▸ **Aim of the task**: Search the data for the string "DOOR" and copy each line where it turns up.

====

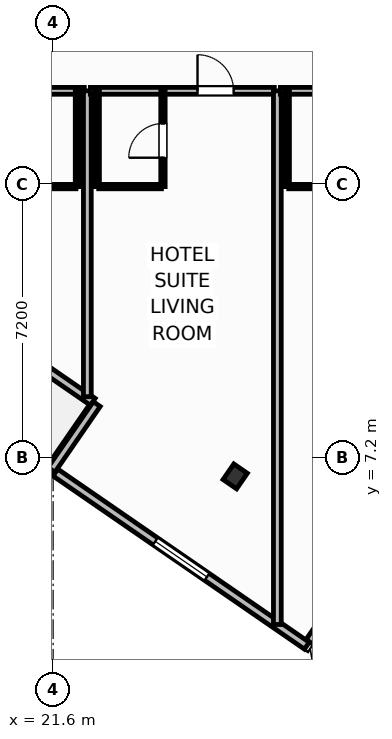
"""IFC4 building model, lengths in metres.
Left out: names, types, materials, properties, quantities, classifications, styles, units other than length and angle.
Written with IfcOpenShell. Run it as: python <this file> out.ifc"""

import sys

from ifc_helpers import new_model, si_unit, direction, frame, frame_2d, origin, origin_2d, place, context, subcontext, project, spatial, rectangle, i_section, extrude, element, fill, save


model = new_model("IFC4")
c1 = context("Model", 3, precision=1e-05, world=origin(), true_north=direction((0.0, 1.0)))
c2 = subcontext(c1, "Body", "Model", "MODEL_VIEW")
j1 = project(units=[si_unit("LENGTHUNIT", "METRE"), si_unit("PLANEANGLEUNIT", "RADIAN")], contexts=[c1])
p1 = place(None, origin())
s1 = spatial("IfcSite", under=j1, at=p1, CompositionType="ELEMENT")
p2 = place(p1, origin())
s2 = spatial("IfcBuilding", under=s1, at=p2, CompositionType="ELEMENT")
p3 = place(p2, frame((0.0, 0.0, 27.0)))
s3 = spatial("IfcBuildingStorey", under=s2, at=p3, CompositionType="ELEMENT", Elevation=27.0)
p4 = place(p3, frame((26.391, 6.705, -0.25), z_axis=(0.0, 0.0, 1.0), x_axis=(0.823532597628, -0.567268949127, 0.0)))
e1 = element("IfcColumn", 1, at=p4, inside=s3, PredefinedType="COLUMN", context=c2, shape_type="SweptSolid", body=[
    extrude(i_section(OverallWidth=0.432, OverallDepth=0.498, WebThickness=0.056, FlangeThickness=0.089, FilletRadius=0.025, at=origin_2d()), origin(), (0.0, 0.0, 1.0), 3.95),
])
p5 = place(p3, frame((22.643, 8.667, 0.0), z_axis=(0.0, 0.0, 1.0), x_axis=(-0.823534636215, 0.567265989598, 0.0)))
e2 = element("IfcWall", 2, at=p5, inside=s3, PredefinedType="SOLIDWALL", context=c2, shape_type="SweptSolid", body=[
    extrude(rectangle(XDim=6.0, YDim=0.22, at=frame_2d((3.0, 0.0))), origin(), (0.0, 0.0, 1.0), 2.73),
])
p6 = place(p5, frame((2.176, 0.0, 0.0)))
e3 = element("IfcOpeningElement", 3, at=p6, cuts=e2, PredefinedType="OPENING", context=c2, shape_type="SweptSolid", body=[
    extrude(rectangle(XDim=1.5, YDim=2.25, at=frame_2d((0.75, 1.125))), frame((0.0, 0.12, 0.0), z_axis=(0.0, -1.0, 0.0), x_axis=(1.0, 0.0, 0.0)), (0.0, 0.0, 1.0), 0.24),
])
p7 = place(p3, frame((22.747, 8.607, 0.0), z_axis=(0.0, 0.0, 1.0), x_axis=(-0.567219383419, -0.823566737474, 0.0)))
e4 = element("IfcWall", 4, at=p7, inside=s3, PredefinedType="SOLIDWALL", context=c2, shape_type="SweptSolid", body=[
    extrude(rectangle(XDim=2.1, YDim=0.22, at=frame_2d((1.05, 0.0))), origin(), (0.0, 0.0, 1.0), 2.73),
])
p8 = place(p3, frame((21.659, 6.807, 0.0), z_axis=(0.0, 0.0, 1.0), x_axis=(0.823535360023, -0.567264938799, 0.0)))
e5 = element("IfcWall", 5, at=p8, inside=s3, PredefinedType="SOLIDWALL", context=c2, shape_type="SweptSolid", body=[
    extrude(rectangle(XDim=8.035, YDim=0.22, at=frame_2d((4.018, 0.0))), origin(), (0.0, 0.0, 1.0), 2.73),
])
p9 = place(p8, frame((3.192, 0.0, 0.8)))
e6 = element("IfcOpeningElement", 6, at=p9, cuts=e5, PredefinedType="OPENING", context=c2, shape_type="SweptSolid", body=[
    extrude(rectangle(XDim=1.65, YDim=1.65, at=frame_2d((0.825, 0.825))), frame((0.0, 0.12, 0.0), z_axis=(0.0, -1.0, 0.0), x_axis=(1.0, 0.0, 0.0)), (0.0, 0.0, 1.0), 0.24),
])
p10 = place(p3, frame((28.347, 2.352, 0.0), z_axis=(0.0, 0.0, 1.0), x_axis=(0.567215821234, 0.823569190865, 0.0)))
e7 = element("IfcWall", 7, at=p10, inside=s3, PredefinedType="SOLIDWALL", context=c2, shape_type="SweptSolid", body=[
    extrude(rectangle(XDim=1.975, YDim=0.22, at=frame_2d((0.988, 0.0))), origin(), (0.0, 0.0, 1.0), 2.73),
])
p11 = place(p3, frame((17.58, 16.85, 0.0), z_axis=(0.0, 0.0, 1.0), x_axis=(1.0, 0.0, 0.0)))
e8 = element("IfcWall", 8, at=p11, inside=s3, PredefinedType="PARTITIONING", context=c2, shape_type="SweptSolid", body=[
    extrude(rectangle(XDim=4.84, YDim=0.18, at=frame_2d((2.42, 0.0))), origin(), (0.0, 0.0, 1.0), 3.45),
])
p12 = place(p11, frame((0.929, 0.0, 0.0)))
e9 = element("IfcOpeningElement", 9, at=p12, cuts=e8, PredefinedType="OPENING", context=c2, shape_type="SweptSolid", body=[
    extrude(rectangle(XDim=0.95, YDim=2.15, at=frame_2d((0.475, 1.075))), frame((0.0, 0.1, 0.0), z_axis=(0.0, -1.0, 0.0), x_axis=(1.0, 0.0, 0.0)), (0.0, 0.0, 1.0), 0.2),
])
p13 = place(p3, frame((20.55, 14.33, 0.0), z_axis=(0.0, 0.0, 1.0), x_axis=(1.0, 0.0, 0.0)))
e10 = element("IfcWall", 10, at=p13, inside=s3, PredefinedType="PARTITIONING", context=c2, shape_type="SweptSolid", body=[
    extrude(rectangle(XDim=1.65, YDim=0.115, at=frame_2d((0.825, 0.0))), origin(), (0.0, 0.0, 1.0), 3.45),
])
p14 = place(p3, frame((22.24, 14.33, 0.0), z_axis=(0.0, 0.0, 1.0), x_axis=(0.0, 1.0, 0.0)))
e11 = element("IfcWall", 11, at=p14, inside=s3, PredefinedType="PARTITIONING", context=c2, shape_type="SweptSolid", body=[
    extrude(rectangle(XDim=2.52, YDim=0.115, at=frame_2d((1.26, 0.0))), origin(), (0.0, 0.0, 1.0), 3.45),
])
p15 = place(p3, frame((22.5, 8.802, 0.0), z_axis=(0.0, 0.0, 1.0), x_axis=(0.0, 1.0, 0.0)))
e12 = element("IfcWall", 12, at=p15, inside=s3, PredefinedType="PARTITIONING", context=c2, shape_type="SweptSolid", body=[
    extrude(rectangle(XDim=8.048, YDim=0.205, at=frame_2d((4.024, 0.0))), origin(), (0.0, 0.0, 1.0), 3.45),
])
p16 = place(p3, frame((22.58, 16.85, 0.0), z_axis=(0.0, 0.0, 1.0), x_axis=(1.0, 0.0, 0.0)))
e13 = element("IfcWall", 13, at=p16, inside=s3, PredefinedType="PARTITIONING", context=c2, shape_type="SweptSolid", body=[
    extrude(rectangle(XDim=4.84, YDim=0.18, at=frame_2d((2.42, 0.0))), origin(), (0.0, 0.0, 1.0), 3.45),
])
p17 = place(p16, frame((2.819, 0.0, 0.0)))
e14 = element("IfcOpeningElement", 14, at=p17, cuts=e13, PredefinedType="OPENING", context=c2, shape_type="SweptSolid", body=[
    extrude(rectangle(XDim=0.95, YDim=2.15, at=frame_2d((0.475, 1.075))), frame((0.0, 0.1, 0.0), z_axis=(0.0, -1.0, 0.0), x_axis=(1.0, 0.0, 0.0)), (0.0, 0.0, 1.0), 0.2),
])
p18 = place(p3, frame((22.8, 14.33, 0.0), z_axis=(0.0, 0.0, 1.0), x_axis=(1.0, 0.0, 0.0)))
e15 = element("IfcWall", 15, at=p18, inside=s3, PredefinedType="PARTITIONING", context=c2, shape_type="SweptSolid", body=[
    extrude(rectangle(XDim=1.65, YDim=0.115, at=frame_2d((0.825, 0.0))), origin(), (0.0, 0.0, 1.0), 3.45),
])
p19 = place(p3, frame((24.49, 14.33, 0.0), z_axis=(0.0, 0.0, 1.0), x_axis=(0.0, 1.0, 0.0)))
e16 = element("IfcWall", 16, at=p19, inside=s3, PredefinedType="PARTITIONING", context=c2, shape_type="SweptSolid", body=[
    extrude(rectangle(XDim=2.52, YDim=0.115, at=frame_2d((1.26, 0.0))), origin(), (0.0, 0.0, 1.0), 3.45),
])
p20 = place(p19, frame((0.76, 0.0, 0.0)))
e17 = element("IfcOpeningElement", 17, at=p20, cuts=e16, PredefinedType="OPENING", context=c2, shape_type="SweptSolid", body=[
    extrude(rectangle(XDim=0.9, YDim=2.05, at=frame_2d((0.45, 1.025))), frame((0.0, 0.067, 0.0), z_axis=(0.0, -1.0, 0.0), x_axis=(1.0, 0.0, 0.0)), (0.0, 0.0, 1.0), 0.135),
])
p21 = place(p3, frame((22.76, 14.33, 0.0), z_axis=(0.0, 0.0, 1.0), x_axis=(0.0, 1.0, 0.0)))
e18 = element("IfcWall", 18, at=p21, inside=s3, PredefinedType="PARTITIONING", context=c2, shape_type="SweptSolid", body=[
    extrude(rectangle(XDim=2.52, YDim=0.115, at=frame_2d((1.26, 0.0))), origin(), (0.0, 0.0, 1.0), 3.45),
])
p22 = place(p3, frame((27.5, 2.808, 0.0), z_axis=(0.0, 0.0, 1.0), x_axis=(0.0, 1.0, 0.0)))
e19 = element("IfcWall", 19, at=p22, inside=s3, PredefinedType="PARTITIONING", context=c2, shape_type="SweptSolid", body=[
    extrude(rectangle(XDim=14.042, YDim=0.205, at=frame_2d((7.021, 0.0))), origin(), (0.0, 0.0, 1.0), 3.45),
])
p23 = place(p3, frame((27.58, 16.85, 0.0), z_axis=(0.0, 0.0, 1.0), x_axis=(1.0, 0.0, 0.0)))
e20 = element("IfcWall", 20, at=p23, inside=s3, PredefinedType="PARTITIONING", context=c2, shape_type="SweptSolid", body=[
    extrude(rectangle(XDim=4.84, YDim=0.18, at=frame_2d((2.42, 0.0))), origin(), (0.0, 0.0, 1.0), 3.45),
])
p24 = place(p23, frame((2.819, 0.0, 0.0)))
e21 = element("IfcOpeningElement", 21, at=p24, cuts=e20, PredefinedType="OPENING", context=c2, shape_type="SweptSolid", body=[
    extrude(rectangle(XDim=0.95, YDim=2.15, at=frame_2d((0.475, 1.075))), frame((0.0, 0.1, 0.0), z_axis=(0.0, -1.0, 0.0), x_axis=(1.0, 0.0, 0.0)), (0.0, 0.0, 1.0), 0.2),
])
p25 = place(p3, frame((27.8, 14.33, 0.0), z_axis=(0.0, 0.0, 1.0), x_axis=(1.0, 0.0, 0.0)))
e22 = element("IfcWall", 22, at=p25, inside=s3, PredefinedType="PARTITIONING", context=c2, shape_type="SweptSolid", body=[
    extrude(rectangle(XDim=1.65, YDim=0.115, at=frame_2d((0.825, 0.0))), origin(), (0.0, 0.0, 1.0), 3.45),
])
p26 = place(p3, frame((27.76, 14.33, 0.0), z_axis=(0.0, 0.0, 1.0), x_axis=(0.0, 1.0, 0.0)))
e23 = element("IfcWall", 23, at=p26, inside=s3, PredefinedType="PARTITIONING", context=c2, shape_type="SweptSolid", body=[
    extrude(rectangle(XDim=2.52, YDim=0.115, at=frame_2d((1.26, 0.0))), origin(), (0.0, 0.0, 1.0), 3.45),
])
p27 = place(p9, origin())
e24 = element("IfcWindow", 24, at=p27, inside=s3, PartitioningType="SINGLE_PANEL", PredefinedType="WINDOW", context=c2, shape_type="SweptSolid", body=[
    extrude(rectangle(XDim=1.65, YDim=1.65, at=frame_2d((0.825, 0.825))), frame((0.0, 0.03, 0.0), z_axis=(0.0, -1.0, 0.0), x_axis=(1.0, 0.0, 0.0)), (0.0, 0.0, 1.0), 0.06),
])
fill(e6, e24)
p28 = place(p17, origin())
e25 = element("IfcDoor", 25, at=p28, inside=s3, OperationType="SINGLE_SWING_LEFT", PredefinedType="DOOR", context=c2, shape_type="SweptSolid", body=[
    extrude(rectangle(XDim=0.95, YDim=2.15, at=frame_2d((0.475, 1.075))), frame((0.0, 0.025, 0.0), z_axis=(0.0, -1.0, 0.0), x_axis=(1.0, 0.0, 0.0)), (0.0, 0.0, 1.0), 0.05),
])
fill(e14, e25)
p29 = place(p20, origin())
e26 = element("IfcDoor", 26, at=p29, inside=s3, OperationType="SINGLE_SWING_LEFT", PredefinedType="DOOR", context=c2, shape_type="SweptSolid", body=[
    extrude(rectangle(XDim=0.9, YDim=2.05, at=frame_2d((0.45, 1.025))), frame((0.0, 0.025, 0.0), z_axis=(0.0, -1.0, 0.0), x_axis=(1.0, 0.0, 0.0)), (0.0, 0.0, 1.0), 0.05),
])
fill(e17, e26)
save(model, sys.argv[1])

====

▸ **Written answer**:
e25 = element("IfcDoor", 25, at=p28, inside=s3, OperationType="SINGLE_SWING_LEFT", PredefinedType="DOOR", context=c2, shape_type="SweptSolid", body=[
e26 = element("IfcDoor", 26, at=p29, inside=s3, OperationType="SINGLE_SWING_LEFT", PredefinedType="DOOR", context=c2, shape_type="SweptSolid", body=[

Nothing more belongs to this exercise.